(Collected data)
************
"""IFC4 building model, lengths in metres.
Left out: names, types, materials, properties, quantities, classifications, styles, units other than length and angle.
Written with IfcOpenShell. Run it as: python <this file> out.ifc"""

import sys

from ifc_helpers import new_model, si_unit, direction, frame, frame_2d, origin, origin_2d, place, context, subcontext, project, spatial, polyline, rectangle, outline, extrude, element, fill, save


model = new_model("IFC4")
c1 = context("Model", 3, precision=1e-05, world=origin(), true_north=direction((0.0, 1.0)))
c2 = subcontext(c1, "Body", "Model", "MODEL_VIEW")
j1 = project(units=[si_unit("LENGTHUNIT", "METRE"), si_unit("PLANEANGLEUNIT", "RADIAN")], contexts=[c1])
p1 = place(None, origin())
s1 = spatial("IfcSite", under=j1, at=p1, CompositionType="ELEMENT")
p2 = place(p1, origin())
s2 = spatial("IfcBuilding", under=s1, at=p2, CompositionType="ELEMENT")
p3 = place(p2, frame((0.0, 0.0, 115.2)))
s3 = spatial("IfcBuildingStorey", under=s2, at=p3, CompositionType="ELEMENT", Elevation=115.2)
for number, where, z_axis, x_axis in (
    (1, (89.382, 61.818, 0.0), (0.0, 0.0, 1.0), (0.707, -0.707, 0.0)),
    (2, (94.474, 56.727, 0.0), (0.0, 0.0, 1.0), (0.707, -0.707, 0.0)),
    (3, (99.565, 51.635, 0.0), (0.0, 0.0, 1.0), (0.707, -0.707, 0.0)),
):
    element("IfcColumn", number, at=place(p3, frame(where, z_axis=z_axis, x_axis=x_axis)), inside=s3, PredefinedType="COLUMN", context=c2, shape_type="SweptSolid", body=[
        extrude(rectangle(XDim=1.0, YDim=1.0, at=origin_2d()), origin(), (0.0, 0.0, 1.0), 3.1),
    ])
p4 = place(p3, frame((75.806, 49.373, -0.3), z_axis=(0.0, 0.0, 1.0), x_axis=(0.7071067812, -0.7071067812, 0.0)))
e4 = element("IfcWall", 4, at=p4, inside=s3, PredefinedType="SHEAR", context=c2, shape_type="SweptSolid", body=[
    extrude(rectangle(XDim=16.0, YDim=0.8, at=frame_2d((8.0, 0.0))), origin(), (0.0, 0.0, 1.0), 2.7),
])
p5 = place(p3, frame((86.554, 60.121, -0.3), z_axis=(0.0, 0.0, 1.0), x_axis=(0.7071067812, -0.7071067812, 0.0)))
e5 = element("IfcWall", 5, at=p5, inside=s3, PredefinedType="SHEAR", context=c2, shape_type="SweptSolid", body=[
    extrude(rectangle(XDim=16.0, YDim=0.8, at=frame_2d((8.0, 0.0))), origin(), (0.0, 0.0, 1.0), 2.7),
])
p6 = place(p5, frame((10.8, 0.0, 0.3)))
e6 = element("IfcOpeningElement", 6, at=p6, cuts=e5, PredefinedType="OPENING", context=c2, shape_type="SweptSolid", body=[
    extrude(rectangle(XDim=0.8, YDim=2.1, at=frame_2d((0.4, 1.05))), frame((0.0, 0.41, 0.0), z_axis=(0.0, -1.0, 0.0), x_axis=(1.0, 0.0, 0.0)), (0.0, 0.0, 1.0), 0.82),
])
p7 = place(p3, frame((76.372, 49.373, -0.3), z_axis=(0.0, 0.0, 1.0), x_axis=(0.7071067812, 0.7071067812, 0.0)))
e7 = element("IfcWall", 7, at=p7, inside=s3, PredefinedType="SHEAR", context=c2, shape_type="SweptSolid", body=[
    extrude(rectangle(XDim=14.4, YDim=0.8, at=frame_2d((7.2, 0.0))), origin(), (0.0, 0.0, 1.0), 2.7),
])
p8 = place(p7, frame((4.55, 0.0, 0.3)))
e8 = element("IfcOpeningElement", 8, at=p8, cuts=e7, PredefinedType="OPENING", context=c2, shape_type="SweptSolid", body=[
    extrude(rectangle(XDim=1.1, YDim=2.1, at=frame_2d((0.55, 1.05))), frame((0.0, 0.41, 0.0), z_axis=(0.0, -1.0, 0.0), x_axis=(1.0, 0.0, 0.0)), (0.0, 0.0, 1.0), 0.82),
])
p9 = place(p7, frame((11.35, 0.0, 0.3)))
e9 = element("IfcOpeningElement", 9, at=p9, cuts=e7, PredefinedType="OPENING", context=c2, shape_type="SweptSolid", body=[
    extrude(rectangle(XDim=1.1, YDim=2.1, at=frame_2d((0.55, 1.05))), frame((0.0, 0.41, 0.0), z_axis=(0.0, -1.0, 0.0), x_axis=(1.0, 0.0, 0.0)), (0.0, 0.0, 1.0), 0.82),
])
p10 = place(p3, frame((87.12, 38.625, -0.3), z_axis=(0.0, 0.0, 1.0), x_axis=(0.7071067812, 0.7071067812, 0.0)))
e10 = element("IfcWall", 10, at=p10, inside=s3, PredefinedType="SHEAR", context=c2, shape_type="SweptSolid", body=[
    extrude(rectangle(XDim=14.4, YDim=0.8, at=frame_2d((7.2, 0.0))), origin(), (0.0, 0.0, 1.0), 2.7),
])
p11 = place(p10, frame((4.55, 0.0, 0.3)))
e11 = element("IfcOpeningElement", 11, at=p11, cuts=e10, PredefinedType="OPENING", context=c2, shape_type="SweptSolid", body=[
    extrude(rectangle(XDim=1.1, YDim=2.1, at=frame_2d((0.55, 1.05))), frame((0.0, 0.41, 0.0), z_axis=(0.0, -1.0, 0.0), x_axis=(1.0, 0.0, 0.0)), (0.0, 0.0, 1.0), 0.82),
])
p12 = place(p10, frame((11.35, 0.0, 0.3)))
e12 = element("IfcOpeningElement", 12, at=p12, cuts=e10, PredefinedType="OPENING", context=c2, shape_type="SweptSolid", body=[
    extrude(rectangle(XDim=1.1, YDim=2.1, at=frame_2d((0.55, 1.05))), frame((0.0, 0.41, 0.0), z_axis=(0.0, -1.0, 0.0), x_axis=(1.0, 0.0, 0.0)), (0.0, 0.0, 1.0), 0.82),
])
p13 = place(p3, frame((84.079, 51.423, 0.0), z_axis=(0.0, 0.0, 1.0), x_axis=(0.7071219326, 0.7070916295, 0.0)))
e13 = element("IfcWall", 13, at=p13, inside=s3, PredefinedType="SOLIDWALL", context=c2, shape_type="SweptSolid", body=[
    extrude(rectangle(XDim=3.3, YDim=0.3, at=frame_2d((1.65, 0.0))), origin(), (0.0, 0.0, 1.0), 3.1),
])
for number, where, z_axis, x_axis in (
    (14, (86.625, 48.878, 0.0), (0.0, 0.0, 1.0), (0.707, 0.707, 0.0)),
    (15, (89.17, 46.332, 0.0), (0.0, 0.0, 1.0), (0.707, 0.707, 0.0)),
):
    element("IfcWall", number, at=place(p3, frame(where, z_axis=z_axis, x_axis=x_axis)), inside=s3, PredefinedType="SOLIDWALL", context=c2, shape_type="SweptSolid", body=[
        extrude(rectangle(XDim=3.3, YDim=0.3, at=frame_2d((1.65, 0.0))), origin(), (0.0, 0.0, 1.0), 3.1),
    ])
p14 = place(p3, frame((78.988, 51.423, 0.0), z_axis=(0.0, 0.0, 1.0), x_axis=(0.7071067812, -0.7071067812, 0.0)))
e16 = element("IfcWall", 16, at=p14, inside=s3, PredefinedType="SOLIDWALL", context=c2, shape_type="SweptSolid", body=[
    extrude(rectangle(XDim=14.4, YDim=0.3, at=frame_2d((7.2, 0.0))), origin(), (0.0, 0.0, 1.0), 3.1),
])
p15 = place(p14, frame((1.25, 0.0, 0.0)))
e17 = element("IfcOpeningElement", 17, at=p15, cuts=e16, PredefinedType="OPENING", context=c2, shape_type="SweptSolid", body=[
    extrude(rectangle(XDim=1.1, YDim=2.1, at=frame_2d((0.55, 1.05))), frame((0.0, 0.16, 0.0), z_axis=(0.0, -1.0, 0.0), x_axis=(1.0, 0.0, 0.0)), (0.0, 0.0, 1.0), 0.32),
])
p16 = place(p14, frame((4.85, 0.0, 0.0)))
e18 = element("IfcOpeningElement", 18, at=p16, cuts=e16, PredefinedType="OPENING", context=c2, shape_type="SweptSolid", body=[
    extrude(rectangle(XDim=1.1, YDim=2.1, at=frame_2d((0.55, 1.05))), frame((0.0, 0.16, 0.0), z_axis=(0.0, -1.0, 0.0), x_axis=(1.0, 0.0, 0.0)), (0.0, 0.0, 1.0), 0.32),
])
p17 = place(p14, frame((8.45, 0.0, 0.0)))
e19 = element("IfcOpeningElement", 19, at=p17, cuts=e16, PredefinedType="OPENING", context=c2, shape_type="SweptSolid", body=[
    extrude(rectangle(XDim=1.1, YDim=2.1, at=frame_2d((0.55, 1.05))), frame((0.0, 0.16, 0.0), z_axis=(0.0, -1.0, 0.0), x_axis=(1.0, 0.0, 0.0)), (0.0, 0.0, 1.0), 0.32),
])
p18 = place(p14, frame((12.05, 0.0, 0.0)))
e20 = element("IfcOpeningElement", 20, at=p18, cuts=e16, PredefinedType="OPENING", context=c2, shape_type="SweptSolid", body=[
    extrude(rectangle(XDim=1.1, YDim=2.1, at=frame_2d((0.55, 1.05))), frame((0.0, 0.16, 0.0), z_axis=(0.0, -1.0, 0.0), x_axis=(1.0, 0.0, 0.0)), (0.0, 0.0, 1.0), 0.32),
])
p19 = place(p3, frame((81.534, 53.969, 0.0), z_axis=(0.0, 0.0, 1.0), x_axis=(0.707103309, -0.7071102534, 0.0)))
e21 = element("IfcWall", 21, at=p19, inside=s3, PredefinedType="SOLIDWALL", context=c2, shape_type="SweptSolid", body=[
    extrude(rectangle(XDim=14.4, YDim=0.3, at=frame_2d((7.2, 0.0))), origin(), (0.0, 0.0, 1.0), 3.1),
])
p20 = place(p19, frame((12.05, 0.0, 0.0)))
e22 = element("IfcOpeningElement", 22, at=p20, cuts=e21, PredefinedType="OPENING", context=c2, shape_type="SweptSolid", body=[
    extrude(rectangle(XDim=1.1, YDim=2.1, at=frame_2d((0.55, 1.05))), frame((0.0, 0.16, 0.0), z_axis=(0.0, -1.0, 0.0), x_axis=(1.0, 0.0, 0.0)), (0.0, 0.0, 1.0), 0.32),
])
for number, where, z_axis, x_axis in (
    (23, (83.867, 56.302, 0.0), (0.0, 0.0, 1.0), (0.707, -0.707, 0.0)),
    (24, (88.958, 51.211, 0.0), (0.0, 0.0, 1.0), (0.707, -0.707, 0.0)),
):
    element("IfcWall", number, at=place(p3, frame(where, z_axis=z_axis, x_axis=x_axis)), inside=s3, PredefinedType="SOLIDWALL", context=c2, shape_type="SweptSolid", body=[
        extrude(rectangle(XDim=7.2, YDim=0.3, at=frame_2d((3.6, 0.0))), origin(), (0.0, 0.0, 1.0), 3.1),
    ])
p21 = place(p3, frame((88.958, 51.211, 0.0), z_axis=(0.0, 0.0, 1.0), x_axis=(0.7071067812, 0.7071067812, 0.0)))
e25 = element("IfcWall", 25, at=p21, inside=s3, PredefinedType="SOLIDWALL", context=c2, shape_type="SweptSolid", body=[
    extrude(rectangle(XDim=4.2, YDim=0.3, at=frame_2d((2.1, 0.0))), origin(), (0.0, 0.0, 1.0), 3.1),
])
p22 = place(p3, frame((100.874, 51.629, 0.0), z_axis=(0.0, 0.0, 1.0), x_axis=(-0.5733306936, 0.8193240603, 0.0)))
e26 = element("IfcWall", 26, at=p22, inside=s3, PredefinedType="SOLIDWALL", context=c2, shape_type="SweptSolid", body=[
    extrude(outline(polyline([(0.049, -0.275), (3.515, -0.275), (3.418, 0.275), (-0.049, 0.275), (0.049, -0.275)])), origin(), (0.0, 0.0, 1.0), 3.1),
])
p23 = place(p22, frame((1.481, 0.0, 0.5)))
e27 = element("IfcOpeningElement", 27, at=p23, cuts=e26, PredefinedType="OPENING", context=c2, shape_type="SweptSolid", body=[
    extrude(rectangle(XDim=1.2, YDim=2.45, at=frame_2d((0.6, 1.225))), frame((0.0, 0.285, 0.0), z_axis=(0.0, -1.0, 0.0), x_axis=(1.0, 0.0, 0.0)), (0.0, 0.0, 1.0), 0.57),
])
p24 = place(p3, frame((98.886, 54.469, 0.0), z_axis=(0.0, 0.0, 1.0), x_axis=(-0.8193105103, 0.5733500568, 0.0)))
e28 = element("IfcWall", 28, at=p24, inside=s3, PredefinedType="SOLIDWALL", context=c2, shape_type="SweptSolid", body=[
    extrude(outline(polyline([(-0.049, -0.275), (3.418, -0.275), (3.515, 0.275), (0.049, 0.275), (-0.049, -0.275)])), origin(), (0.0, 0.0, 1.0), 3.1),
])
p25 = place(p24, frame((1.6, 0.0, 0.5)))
************
* Task description *
Copy the records above exactly, from the first line through the line containing "p1 = place(None, origin())", and include nothing else.

* Finished task *
"""IFC4 building model, lengths in metres.
Left out: names, types, materials, properties, quantities, classifications, styles, units other than length and angle.
Written with IfcOpenShell. Run it as: python <this file> out.ifc"""

import sys

from ifc_helpers import new_model, si_unit, direction, frame, frame_2d, origin, origin_2d, place, context, subcontext, project, spatial, polyline, rectangle, outline, extrude, element, fill, save


model = new_model("IFC4")
c1 = context("Model", 3, precision=1e-05, world=origin(), true_north=direction((0.0, 1.0)))
c2 = subcontext(c1, "Body", "Model", "MODEL_VIEW")
j1 = project(units=[si_unit("LENGTHUNIT", "METRE"), si_unit("PLANEANGLEUNIT", "RADIAN")], contexts=[c1])
p1 = place(None, origin())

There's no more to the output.